Records for this exercise section start

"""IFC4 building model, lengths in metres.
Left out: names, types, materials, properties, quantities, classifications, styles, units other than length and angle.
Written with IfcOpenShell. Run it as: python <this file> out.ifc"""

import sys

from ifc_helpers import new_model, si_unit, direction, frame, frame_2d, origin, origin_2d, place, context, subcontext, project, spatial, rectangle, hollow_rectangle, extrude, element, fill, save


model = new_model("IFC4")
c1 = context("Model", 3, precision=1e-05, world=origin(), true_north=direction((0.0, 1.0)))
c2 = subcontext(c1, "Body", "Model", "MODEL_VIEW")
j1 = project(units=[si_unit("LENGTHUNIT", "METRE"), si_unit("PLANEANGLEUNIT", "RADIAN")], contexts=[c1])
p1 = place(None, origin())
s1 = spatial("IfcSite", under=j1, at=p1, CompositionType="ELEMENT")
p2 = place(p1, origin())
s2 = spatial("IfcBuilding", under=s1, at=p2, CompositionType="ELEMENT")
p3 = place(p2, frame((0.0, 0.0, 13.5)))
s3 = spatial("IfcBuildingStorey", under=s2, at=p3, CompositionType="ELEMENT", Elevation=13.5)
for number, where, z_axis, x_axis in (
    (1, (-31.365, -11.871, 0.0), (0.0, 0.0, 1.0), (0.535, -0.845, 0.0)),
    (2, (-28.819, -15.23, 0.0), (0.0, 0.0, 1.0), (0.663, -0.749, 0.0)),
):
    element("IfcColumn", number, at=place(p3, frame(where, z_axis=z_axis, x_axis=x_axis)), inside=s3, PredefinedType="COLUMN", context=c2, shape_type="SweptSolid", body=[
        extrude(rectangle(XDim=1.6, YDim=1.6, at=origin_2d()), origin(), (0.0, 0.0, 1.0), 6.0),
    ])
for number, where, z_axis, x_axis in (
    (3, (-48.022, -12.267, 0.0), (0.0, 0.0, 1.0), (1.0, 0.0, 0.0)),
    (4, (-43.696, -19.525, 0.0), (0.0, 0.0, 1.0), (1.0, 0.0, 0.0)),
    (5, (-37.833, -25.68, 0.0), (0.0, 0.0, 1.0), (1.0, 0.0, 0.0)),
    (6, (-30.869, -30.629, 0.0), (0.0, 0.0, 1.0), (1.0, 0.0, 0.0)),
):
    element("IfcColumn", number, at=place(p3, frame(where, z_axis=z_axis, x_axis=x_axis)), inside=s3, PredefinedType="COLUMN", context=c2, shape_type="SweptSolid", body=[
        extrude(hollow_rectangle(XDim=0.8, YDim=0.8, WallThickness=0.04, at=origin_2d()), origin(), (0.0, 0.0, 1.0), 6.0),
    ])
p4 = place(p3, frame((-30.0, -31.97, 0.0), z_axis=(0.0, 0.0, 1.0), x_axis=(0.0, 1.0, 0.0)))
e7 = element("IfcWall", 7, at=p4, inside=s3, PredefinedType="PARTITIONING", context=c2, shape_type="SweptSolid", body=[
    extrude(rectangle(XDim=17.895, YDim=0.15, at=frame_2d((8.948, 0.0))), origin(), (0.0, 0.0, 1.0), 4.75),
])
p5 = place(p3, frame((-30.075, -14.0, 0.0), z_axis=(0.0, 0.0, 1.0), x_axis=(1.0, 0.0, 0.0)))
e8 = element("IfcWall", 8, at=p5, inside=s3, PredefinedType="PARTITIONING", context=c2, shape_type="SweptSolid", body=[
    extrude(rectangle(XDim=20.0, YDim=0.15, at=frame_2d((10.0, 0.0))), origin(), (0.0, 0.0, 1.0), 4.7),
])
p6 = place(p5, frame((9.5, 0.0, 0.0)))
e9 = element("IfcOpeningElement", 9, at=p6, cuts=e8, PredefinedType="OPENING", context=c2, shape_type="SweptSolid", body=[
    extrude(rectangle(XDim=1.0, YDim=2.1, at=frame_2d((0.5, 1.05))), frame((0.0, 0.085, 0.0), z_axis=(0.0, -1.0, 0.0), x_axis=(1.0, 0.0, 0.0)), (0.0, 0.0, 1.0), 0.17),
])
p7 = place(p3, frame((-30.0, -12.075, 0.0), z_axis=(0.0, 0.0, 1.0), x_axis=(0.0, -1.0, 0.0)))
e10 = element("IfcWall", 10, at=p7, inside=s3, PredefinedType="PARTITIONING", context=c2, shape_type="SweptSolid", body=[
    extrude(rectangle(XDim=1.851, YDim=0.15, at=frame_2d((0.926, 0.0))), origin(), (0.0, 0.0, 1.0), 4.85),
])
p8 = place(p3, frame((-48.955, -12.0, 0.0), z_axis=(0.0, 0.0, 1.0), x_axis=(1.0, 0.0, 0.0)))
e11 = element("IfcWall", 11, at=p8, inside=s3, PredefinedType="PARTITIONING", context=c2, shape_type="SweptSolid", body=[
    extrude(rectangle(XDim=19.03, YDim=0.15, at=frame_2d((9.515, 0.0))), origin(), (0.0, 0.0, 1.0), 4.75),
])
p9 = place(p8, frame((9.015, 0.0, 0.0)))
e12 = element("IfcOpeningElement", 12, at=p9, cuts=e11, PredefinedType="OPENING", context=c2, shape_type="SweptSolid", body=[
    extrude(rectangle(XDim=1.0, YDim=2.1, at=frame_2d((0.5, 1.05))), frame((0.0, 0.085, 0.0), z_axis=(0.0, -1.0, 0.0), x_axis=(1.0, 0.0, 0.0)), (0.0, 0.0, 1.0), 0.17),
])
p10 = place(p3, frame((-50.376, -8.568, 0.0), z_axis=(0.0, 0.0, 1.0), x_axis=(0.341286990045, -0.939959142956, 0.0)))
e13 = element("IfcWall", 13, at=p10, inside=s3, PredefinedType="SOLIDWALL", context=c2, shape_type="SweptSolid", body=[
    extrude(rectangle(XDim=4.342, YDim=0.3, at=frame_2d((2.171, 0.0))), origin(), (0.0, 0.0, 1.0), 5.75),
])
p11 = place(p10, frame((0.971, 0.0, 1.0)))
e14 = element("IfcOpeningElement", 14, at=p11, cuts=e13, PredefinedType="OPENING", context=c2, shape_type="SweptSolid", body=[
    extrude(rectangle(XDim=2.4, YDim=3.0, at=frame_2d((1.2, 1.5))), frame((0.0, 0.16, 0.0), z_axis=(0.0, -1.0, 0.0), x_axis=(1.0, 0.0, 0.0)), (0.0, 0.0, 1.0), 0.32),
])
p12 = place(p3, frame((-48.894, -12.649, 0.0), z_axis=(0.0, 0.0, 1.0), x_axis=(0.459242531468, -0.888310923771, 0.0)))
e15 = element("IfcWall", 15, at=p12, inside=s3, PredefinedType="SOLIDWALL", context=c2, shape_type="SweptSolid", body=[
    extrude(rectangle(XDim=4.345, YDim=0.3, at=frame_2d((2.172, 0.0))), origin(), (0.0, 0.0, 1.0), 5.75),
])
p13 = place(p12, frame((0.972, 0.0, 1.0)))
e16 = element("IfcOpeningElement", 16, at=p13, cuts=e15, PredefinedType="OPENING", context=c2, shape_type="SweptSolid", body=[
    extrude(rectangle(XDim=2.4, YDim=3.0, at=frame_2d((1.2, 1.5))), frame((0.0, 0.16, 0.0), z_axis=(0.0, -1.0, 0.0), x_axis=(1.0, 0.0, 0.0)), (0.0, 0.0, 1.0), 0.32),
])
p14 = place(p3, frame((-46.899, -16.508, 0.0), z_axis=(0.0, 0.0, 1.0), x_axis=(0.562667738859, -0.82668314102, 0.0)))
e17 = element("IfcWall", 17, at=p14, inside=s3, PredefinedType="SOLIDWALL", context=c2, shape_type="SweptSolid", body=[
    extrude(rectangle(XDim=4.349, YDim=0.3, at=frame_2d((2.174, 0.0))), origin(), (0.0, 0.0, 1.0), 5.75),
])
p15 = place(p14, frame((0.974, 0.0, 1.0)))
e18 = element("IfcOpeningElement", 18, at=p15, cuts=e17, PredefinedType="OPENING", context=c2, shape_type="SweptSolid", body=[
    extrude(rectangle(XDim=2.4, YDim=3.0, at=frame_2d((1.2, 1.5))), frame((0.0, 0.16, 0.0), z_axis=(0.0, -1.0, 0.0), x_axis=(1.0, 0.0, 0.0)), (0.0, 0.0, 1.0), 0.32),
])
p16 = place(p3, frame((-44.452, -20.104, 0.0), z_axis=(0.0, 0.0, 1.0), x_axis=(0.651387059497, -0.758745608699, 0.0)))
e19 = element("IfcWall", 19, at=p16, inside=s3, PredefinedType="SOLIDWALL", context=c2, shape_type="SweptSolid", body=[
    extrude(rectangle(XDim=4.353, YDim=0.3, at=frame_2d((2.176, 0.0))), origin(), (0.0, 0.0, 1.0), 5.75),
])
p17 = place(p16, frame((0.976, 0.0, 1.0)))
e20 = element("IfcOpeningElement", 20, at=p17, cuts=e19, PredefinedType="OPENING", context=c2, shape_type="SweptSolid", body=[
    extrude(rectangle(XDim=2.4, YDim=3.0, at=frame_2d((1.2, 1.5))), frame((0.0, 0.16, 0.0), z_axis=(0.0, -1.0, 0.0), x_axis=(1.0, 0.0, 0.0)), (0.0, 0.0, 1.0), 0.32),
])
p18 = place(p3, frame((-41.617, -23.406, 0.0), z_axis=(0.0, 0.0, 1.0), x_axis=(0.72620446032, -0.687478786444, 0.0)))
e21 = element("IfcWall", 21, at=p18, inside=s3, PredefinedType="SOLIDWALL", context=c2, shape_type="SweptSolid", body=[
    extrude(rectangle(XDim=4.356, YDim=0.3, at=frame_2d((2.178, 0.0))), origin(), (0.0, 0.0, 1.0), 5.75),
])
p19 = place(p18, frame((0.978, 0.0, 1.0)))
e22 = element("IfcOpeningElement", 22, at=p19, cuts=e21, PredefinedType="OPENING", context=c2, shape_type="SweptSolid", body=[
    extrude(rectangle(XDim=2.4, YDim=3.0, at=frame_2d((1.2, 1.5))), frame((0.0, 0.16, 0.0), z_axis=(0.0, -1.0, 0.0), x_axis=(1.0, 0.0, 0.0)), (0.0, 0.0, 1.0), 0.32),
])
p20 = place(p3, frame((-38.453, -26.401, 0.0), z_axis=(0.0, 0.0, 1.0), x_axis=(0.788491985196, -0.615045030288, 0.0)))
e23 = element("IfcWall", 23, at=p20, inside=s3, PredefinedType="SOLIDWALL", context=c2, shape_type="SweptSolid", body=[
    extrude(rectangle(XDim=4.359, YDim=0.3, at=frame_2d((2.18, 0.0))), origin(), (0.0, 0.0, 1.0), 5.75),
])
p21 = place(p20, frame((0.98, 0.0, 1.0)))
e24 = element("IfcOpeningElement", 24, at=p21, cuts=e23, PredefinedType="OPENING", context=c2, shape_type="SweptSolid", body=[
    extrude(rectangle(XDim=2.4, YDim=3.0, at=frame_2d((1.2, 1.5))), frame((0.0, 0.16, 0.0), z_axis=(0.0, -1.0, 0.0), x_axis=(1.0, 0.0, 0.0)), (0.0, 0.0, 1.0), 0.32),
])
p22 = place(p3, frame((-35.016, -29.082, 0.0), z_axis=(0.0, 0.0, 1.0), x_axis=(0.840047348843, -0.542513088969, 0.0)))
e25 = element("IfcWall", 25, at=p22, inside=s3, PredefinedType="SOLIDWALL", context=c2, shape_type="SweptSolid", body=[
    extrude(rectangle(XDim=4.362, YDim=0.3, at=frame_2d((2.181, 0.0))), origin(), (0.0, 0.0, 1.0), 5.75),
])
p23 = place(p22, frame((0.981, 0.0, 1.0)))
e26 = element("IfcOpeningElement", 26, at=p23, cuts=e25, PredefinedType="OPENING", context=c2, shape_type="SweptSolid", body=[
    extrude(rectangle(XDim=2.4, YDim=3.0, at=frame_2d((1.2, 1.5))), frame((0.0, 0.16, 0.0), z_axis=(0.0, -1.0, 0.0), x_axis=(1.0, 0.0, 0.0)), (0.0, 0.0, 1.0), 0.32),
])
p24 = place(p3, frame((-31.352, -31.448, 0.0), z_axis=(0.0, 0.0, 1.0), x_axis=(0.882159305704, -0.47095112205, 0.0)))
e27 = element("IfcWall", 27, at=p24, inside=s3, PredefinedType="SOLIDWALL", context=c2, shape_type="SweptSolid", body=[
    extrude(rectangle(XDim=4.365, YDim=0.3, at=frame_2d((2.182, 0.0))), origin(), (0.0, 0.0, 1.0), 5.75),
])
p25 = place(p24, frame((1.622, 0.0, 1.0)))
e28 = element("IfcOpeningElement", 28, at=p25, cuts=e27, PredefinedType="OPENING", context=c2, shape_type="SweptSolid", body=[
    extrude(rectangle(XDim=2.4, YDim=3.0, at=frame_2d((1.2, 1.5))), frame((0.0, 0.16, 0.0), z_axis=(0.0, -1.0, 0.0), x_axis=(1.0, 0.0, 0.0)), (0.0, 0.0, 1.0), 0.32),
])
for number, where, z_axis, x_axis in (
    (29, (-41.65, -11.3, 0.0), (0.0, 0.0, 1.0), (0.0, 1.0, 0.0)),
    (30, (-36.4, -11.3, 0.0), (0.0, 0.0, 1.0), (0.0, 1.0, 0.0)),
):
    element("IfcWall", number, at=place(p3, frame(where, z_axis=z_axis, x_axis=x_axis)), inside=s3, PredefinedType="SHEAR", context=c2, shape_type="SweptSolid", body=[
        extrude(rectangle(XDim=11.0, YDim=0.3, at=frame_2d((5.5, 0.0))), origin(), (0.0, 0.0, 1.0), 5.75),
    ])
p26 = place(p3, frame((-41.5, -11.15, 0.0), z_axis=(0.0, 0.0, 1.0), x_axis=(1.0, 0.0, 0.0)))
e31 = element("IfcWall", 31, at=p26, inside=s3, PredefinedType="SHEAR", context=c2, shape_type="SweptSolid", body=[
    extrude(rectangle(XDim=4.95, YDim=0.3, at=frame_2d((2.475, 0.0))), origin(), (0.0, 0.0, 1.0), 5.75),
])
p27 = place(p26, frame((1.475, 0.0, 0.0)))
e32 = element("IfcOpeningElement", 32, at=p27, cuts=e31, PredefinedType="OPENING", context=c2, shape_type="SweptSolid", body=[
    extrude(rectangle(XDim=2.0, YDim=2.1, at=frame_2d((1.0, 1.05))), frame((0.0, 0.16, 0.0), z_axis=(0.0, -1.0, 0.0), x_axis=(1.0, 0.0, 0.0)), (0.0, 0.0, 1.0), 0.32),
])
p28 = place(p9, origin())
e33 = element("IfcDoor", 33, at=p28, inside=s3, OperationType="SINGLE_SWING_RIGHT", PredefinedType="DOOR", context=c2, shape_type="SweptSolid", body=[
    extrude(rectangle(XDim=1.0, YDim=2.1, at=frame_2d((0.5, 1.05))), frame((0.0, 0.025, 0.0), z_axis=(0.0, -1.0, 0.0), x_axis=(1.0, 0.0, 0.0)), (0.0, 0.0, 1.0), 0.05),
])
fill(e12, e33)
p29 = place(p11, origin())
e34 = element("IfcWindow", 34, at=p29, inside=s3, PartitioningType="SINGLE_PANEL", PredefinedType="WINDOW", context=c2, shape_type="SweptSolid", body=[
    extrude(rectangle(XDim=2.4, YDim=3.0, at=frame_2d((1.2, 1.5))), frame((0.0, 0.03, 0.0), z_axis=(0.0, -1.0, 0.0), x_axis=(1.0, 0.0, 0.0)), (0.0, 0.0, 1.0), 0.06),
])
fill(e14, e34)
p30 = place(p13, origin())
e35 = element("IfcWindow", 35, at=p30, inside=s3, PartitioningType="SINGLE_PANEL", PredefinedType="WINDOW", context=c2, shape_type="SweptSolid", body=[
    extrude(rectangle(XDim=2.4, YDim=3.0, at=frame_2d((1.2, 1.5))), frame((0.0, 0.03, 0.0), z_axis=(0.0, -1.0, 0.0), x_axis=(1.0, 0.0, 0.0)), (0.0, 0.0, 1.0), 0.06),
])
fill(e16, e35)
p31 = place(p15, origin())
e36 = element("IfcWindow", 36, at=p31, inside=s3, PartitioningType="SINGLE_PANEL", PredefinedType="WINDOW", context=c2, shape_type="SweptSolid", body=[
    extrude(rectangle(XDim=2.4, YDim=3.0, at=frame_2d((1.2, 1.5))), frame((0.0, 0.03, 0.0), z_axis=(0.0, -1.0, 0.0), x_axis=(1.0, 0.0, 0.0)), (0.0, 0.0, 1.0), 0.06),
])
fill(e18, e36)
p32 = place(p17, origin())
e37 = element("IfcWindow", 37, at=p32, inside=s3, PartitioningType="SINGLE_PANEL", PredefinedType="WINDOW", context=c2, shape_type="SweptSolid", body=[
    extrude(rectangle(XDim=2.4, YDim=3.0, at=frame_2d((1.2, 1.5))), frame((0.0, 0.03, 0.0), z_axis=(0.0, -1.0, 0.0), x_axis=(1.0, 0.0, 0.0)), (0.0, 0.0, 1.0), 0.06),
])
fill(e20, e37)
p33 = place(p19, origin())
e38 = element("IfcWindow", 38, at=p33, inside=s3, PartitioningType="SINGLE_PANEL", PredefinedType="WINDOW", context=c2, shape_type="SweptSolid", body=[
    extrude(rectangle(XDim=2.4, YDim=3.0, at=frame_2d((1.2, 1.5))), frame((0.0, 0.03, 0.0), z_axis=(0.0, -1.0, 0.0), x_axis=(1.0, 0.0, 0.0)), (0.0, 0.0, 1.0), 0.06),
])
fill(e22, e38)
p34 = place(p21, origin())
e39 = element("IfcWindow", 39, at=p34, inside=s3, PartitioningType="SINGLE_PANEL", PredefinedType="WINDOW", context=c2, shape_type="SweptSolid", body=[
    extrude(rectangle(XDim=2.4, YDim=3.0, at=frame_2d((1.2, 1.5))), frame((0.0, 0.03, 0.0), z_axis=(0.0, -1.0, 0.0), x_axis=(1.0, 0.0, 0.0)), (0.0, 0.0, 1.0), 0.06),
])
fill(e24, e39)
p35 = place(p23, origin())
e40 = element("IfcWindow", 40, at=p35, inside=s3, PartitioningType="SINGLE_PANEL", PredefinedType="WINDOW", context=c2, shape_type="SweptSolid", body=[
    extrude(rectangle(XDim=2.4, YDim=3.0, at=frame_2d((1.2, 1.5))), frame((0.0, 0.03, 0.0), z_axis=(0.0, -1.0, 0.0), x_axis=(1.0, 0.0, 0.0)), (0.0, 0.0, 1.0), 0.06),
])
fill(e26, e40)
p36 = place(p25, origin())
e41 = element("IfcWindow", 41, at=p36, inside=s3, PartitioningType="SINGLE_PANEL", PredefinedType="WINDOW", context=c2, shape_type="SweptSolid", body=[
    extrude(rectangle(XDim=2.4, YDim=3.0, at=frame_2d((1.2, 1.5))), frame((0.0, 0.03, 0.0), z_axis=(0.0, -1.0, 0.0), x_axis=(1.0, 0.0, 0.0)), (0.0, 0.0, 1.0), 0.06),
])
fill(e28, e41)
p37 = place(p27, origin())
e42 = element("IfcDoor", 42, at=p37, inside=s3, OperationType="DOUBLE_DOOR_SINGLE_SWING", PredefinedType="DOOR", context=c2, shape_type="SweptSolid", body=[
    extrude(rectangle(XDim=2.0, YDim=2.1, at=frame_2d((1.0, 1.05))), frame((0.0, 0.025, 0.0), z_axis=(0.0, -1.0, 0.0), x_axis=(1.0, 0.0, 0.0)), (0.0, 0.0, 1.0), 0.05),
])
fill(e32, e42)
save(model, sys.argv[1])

Records for this exercise section end

• [Task goal] Using the records given above, list every line that includes the word "spatial".

• [Result for this task]
from ifc_helpers import new_model, si_unit, direction, frame, frame_2d, origin, origin_2d, place, context, subcontext, project, spatial, rectangle, hollow_rectangle, extrude, element, fill, save
s1 = spatial("IfcSite", under=j1, at=p1, CompositionType="ELEMENT")
s2 = spatial("IfcBuilding", under=s1, at=p2, CompositionType="ELEMENT")
s3 = spatial("IfcBuildingStorey", under=s2, at=p3, CompositionType="ELEMENT", Elevation=13.5)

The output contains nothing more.